What you are asked to do: Where in the entries below does "transparency" appear? Copy every line that has it.
═════ Records for processing ═════
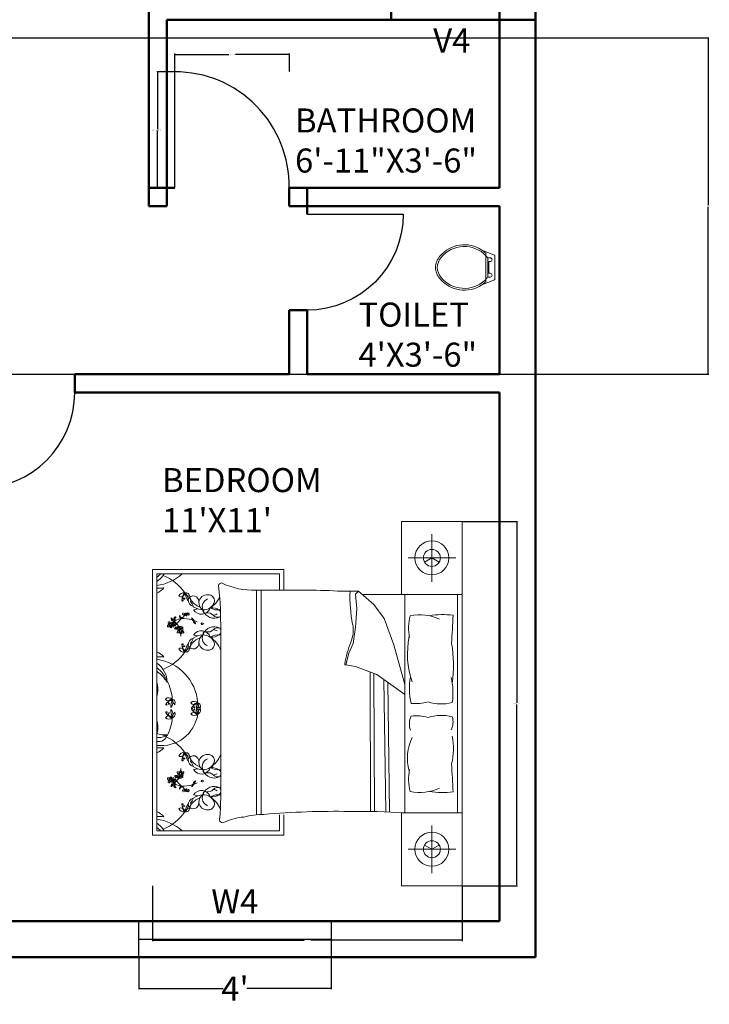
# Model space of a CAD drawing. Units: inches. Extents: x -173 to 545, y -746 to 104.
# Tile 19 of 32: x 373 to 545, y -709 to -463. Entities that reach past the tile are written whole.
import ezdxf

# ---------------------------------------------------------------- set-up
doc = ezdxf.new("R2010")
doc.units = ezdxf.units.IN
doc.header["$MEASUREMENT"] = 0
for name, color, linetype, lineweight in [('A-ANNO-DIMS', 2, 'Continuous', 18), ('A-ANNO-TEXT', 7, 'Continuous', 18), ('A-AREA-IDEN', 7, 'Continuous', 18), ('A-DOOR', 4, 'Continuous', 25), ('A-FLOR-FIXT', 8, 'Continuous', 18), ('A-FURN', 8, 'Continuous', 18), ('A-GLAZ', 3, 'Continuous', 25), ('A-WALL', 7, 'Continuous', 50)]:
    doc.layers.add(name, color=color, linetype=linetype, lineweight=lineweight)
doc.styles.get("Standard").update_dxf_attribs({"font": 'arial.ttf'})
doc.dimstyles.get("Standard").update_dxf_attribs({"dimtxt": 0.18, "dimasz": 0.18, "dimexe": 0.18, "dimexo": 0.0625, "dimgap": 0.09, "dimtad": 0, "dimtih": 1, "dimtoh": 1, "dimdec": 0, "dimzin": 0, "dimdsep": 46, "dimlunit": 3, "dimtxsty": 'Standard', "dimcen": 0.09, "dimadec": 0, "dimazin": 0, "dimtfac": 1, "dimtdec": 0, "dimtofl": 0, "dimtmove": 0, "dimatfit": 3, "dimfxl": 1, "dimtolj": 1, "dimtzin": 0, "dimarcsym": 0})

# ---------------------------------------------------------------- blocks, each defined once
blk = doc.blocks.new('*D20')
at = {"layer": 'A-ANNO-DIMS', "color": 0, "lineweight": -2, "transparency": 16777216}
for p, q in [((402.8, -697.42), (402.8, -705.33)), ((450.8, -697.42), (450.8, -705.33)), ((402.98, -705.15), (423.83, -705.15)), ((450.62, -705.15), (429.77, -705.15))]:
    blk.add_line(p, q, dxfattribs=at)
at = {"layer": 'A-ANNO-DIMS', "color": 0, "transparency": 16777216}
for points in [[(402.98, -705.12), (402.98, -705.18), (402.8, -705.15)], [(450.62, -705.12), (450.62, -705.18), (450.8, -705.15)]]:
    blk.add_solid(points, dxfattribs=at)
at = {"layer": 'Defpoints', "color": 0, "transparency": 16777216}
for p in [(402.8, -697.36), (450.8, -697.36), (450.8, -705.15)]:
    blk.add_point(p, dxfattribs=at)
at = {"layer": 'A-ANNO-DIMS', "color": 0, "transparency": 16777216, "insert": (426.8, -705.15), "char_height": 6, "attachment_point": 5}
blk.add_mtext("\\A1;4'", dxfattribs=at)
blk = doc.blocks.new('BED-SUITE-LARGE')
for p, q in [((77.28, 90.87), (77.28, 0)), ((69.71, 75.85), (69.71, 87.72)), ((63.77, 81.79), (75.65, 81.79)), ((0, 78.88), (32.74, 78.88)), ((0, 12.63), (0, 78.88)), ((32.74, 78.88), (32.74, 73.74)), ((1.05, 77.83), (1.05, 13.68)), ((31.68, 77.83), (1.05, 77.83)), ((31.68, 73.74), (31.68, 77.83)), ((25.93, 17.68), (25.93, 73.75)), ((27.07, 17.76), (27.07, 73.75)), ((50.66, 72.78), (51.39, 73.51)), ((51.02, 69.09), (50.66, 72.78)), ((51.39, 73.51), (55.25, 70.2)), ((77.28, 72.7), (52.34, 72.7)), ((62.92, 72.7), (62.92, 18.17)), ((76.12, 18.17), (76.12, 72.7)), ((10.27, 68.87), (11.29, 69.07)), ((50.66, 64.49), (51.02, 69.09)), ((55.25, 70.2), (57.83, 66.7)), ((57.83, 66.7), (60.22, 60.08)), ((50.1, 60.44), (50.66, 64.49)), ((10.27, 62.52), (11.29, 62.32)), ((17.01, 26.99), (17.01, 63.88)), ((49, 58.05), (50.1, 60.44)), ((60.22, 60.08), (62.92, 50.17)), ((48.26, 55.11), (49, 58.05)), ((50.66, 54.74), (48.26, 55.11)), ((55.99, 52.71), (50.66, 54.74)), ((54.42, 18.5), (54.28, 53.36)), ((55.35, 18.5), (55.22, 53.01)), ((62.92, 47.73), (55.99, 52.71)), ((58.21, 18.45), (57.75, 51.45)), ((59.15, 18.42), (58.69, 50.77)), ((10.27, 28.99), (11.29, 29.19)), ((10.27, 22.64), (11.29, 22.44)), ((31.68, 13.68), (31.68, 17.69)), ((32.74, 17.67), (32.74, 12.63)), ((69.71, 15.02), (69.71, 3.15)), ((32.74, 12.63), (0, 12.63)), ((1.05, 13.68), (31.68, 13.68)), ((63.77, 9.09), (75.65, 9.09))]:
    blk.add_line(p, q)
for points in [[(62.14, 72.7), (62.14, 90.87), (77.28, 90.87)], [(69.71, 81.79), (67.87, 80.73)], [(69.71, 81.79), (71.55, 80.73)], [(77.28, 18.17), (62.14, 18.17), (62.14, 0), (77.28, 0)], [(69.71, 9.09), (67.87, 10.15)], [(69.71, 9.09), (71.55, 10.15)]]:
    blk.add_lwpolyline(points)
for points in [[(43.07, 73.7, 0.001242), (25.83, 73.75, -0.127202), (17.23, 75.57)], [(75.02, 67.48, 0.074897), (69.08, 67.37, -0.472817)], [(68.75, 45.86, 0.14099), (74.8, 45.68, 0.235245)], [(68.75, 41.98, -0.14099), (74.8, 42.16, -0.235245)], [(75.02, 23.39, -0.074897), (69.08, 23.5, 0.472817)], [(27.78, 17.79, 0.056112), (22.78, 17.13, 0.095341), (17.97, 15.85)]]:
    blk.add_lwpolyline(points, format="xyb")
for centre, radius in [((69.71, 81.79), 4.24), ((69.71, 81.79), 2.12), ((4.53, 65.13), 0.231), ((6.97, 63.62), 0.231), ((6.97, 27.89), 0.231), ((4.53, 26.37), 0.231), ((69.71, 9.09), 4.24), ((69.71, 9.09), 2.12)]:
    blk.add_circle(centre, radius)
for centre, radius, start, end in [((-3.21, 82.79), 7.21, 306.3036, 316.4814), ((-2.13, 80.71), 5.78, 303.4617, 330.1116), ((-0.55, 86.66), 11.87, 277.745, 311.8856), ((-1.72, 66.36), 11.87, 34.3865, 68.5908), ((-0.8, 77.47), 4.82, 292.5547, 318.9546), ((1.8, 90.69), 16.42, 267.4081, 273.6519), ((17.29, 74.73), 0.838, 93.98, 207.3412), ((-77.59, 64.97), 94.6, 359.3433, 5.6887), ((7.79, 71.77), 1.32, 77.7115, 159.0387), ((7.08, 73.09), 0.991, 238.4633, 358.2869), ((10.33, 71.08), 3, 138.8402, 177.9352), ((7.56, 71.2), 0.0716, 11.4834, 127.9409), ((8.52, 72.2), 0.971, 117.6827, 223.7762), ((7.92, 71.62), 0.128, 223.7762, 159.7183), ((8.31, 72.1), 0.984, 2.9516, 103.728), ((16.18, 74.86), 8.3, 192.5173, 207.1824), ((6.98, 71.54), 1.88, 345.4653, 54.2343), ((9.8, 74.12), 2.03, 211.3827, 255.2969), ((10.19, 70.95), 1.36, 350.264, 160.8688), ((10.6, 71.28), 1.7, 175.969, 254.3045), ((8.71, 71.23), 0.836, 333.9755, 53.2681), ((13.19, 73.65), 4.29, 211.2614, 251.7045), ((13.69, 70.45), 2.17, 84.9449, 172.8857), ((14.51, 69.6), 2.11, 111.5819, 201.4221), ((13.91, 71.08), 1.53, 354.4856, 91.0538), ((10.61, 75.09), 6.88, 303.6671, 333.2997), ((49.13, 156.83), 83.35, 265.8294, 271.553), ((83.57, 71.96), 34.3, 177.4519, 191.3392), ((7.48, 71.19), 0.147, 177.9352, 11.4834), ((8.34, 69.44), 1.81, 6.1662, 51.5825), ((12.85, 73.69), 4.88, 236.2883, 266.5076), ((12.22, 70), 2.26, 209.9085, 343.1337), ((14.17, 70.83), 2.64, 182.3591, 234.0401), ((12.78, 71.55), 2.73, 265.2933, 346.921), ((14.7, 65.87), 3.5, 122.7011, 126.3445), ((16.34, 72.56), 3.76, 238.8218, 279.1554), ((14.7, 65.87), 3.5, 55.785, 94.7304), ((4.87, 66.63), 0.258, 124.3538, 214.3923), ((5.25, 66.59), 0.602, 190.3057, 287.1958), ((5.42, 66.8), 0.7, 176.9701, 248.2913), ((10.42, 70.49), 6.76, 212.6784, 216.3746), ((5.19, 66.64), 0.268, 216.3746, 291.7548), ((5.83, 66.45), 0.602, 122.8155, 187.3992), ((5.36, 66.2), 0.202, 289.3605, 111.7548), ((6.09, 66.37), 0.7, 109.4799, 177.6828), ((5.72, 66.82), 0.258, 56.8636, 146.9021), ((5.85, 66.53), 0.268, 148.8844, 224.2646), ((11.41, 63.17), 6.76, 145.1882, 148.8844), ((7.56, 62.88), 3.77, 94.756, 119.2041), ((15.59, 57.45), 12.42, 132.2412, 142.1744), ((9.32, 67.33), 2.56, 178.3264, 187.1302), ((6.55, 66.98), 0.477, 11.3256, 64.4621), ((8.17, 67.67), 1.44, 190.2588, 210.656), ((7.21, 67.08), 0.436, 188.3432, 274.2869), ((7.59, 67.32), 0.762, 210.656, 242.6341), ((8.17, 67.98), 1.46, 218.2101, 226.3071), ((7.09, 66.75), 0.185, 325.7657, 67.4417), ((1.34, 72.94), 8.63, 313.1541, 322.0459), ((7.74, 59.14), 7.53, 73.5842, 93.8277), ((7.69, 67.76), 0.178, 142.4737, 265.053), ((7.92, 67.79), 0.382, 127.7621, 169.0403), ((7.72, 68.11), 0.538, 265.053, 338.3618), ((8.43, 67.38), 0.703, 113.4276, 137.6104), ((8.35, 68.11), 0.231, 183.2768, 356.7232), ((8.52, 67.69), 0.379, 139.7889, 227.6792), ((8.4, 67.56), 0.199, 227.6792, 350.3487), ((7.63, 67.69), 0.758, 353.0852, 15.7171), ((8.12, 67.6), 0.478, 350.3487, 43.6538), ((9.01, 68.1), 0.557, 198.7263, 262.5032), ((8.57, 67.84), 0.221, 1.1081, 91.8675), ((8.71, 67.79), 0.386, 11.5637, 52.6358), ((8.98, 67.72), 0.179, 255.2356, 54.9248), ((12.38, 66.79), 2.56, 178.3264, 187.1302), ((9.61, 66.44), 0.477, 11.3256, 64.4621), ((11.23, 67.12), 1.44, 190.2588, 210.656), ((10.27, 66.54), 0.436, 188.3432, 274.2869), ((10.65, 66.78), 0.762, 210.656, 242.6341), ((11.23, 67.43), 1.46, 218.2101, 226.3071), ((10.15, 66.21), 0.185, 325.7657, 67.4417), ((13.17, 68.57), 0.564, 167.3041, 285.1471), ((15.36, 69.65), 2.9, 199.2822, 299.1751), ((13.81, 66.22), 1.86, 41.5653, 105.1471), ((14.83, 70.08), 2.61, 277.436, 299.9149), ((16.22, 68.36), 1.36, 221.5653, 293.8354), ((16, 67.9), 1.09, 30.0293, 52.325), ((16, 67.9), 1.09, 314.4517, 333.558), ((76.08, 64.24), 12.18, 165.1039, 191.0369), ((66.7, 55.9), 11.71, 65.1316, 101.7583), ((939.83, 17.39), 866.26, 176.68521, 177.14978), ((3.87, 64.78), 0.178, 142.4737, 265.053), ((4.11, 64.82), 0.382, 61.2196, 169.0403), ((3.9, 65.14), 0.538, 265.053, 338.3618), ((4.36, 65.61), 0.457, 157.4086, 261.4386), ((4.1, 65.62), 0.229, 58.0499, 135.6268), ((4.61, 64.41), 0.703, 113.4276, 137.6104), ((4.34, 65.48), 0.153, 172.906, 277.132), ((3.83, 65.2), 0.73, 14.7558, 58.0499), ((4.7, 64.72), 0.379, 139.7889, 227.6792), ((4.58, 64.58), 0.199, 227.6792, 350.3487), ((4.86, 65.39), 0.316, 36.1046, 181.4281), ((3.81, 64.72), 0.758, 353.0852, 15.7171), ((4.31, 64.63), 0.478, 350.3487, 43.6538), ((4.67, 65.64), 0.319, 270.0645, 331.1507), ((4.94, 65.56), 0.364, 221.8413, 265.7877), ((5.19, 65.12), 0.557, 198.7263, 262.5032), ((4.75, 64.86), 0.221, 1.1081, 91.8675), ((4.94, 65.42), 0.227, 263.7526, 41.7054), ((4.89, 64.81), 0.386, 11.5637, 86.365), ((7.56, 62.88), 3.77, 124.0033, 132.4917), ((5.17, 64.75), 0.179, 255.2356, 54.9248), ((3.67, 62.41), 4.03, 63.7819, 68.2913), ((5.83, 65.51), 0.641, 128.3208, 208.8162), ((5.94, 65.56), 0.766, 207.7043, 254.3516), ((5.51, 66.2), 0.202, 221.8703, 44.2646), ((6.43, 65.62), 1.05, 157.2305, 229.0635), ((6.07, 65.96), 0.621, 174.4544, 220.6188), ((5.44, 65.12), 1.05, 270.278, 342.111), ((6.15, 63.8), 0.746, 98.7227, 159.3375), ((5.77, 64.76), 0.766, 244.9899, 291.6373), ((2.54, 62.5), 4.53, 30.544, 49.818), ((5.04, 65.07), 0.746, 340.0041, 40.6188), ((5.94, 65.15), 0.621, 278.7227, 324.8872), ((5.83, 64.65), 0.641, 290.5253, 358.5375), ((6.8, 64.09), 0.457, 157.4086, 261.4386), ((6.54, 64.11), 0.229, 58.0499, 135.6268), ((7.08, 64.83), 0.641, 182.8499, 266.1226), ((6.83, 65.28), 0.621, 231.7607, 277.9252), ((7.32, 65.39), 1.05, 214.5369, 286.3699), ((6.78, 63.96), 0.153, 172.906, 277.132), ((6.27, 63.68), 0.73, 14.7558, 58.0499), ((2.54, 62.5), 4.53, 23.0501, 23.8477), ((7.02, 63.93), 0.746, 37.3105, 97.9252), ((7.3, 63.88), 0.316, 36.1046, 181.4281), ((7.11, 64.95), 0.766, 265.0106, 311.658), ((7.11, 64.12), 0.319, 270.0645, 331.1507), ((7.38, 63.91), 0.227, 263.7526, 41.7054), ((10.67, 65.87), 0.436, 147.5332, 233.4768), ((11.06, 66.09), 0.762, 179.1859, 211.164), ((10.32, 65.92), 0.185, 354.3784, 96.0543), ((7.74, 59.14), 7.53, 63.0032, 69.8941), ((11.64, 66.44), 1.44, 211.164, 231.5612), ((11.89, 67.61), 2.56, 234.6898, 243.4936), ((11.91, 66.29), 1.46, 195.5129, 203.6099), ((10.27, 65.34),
═════
Solution to this task:
at = {"layer": 'A-ANNO-DIMS', "color": 0, "lineweight": -2, "transparency": 16777216}
at = {"layer": 'A-ANNO-DIMS', "color": 0, "transparency": 16777216}
at = {"layer": 'Defpoints', "color": 0, "transparency": 16777216}
at = {"layer": 'A-ANNO-DIMS', "color": 0, "transparency": 16777216, "insert": (426.8, -705.15), "char_height": 6, "attachment_point": 5}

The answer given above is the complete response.